# Work request:
Wherever the string "project" appears in the records, return the line that holds it.

--------------------

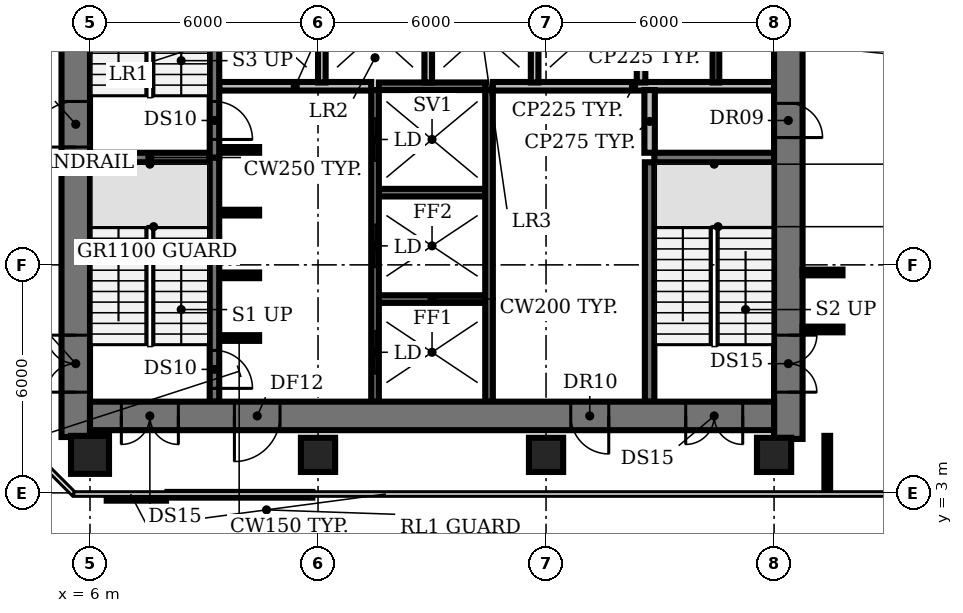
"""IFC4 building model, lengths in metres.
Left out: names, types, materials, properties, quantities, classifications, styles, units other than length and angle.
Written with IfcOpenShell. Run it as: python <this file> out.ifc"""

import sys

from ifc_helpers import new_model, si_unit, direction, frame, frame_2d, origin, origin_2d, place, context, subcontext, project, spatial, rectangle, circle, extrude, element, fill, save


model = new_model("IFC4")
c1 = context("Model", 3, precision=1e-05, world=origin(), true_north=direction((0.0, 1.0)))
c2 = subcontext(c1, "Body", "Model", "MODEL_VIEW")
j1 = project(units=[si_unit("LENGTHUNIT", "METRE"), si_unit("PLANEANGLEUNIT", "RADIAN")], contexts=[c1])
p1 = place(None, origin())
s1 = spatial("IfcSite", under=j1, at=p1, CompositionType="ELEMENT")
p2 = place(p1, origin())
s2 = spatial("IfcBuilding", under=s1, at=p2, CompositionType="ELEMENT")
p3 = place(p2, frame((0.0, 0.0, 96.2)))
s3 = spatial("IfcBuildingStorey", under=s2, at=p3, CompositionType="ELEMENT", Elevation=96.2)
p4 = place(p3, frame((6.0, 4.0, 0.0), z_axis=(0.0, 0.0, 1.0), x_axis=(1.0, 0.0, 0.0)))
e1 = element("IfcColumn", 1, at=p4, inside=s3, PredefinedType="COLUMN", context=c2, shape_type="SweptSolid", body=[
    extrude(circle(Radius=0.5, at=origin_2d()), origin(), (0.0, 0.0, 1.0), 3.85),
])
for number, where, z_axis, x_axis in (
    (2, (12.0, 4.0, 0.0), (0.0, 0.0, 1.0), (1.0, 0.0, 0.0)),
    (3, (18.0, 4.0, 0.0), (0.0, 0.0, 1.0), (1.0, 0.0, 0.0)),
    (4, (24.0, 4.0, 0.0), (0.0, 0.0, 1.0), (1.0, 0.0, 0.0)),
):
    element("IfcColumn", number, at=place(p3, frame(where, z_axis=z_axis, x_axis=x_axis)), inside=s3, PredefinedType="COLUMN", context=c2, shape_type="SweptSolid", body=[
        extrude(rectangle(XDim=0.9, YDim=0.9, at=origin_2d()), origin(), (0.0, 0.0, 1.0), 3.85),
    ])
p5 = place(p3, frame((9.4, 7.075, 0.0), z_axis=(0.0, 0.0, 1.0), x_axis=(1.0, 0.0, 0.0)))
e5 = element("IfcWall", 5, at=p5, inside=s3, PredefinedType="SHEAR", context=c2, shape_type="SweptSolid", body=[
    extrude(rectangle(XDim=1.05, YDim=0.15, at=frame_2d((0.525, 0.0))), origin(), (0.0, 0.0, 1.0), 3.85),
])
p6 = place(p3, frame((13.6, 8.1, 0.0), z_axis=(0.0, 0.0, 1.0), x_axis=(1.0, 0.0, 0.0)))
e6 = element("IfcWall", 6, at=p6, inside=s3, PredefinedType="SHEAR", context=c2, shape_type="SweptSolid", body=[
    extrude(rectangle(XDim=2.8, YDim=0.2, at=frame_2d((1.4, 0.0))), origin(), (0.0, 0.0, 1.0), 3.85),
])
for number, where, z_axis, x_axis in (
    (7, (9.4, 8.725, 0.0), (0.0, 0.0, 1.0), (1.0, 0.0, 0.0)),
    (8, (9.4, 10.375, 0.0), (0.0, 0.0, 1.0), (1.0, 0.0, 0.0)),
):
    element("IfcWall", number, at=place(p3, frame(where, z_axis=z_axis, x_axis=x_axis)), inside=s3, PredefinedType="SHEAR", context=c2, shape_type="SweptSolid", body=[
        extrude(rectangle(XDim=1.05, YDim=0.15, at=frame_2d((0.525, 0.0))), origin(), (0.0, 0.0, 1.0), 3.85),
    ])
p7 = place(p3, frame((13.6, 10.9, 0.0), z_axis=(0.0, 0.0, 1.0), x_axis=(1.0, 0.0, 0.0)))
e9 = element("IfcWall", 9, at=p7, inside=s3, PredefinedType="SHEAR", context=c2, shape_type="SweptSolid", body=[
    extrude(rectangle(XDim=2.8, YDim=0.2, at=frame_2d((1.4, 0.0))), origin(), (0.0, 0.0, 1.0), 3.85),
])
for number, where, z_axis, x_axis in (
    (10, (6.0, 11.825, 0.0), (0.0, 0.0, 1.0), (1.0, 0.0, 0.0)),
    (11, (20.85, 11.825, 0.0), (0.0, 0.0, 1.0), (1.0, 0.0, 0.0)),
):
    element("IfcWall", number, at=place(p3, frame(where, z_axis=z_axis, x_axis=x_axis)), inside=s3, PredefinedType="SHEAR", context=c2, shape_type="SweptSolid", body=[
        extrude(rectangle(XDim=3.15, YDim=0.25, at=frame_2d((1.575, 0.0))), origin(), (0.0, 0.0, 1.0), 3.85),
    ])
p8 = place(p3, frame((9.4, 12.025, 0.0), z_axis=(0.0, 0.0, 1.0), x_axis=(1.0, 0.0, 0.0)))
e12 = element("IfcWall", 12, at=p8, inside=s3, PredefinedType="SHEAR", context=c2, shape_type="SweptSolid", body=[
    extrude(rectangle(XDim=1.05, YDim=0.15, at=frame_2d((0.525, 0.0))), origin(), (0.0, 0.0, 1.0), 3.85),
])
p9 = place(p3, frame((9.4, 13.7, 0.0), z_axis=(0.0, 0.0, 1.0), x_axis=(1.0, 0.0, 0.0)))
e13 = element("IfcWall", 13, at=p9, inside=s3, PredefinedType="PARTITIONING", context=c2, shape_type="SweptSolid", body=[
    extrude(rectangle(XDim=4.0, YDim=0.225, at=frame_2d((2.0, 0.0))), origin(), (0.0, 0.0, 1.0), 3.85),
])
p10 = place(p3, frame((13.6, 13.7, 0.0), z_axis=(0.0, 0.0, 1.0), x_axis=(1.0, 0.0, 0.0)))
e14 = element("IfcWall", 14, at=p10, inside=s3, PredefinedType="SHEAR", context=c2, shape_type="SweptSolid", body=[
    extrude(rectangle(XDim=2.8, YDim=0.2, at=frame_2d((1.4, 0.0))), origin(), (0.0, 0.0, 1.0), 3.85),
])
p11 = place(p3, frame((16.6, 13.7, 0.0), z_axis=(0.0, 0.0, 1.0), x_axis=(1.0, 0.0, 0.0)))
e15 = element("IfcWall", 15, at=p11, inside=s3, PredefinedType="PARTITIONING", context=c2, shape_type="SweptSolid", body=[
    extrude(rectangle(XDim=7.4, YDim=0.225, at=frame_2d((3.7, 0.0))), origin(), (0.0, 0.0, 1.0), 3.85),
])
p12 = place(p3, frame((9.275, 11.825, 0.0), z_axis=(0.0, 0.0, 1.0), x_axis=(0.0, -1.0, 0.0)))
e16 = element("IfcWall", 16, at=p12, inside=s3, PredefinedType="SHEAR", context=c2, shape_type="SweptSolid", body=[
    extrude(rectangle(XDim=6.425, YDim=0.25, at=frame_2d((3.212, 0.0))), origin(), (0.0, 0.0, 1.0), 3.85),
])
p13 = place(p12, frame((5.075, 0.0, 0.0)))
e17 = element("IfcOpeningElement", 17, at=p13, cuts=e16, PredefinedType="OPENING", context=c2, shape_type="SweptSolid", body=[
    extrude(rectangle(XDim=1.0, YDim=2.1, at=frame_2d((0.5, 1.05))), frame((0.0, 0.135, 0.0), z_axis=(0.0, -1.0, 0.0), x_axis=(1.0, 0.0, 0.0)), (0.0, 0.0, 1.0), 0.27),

--------------------

# Response to the exercise:
from ifc_helpers import new_model, si_unit, direction, frame, frame_2d, origin, origin_2d, place, context, subcontext, project, spatial, rectangle, circle, extrude, element, fill, save
j1 = project(units=[si_unit("LENGTHUNIT", "METRE"), si_unit("PLANEANGLEUNIT", "RADIAN")], contexts=[c1])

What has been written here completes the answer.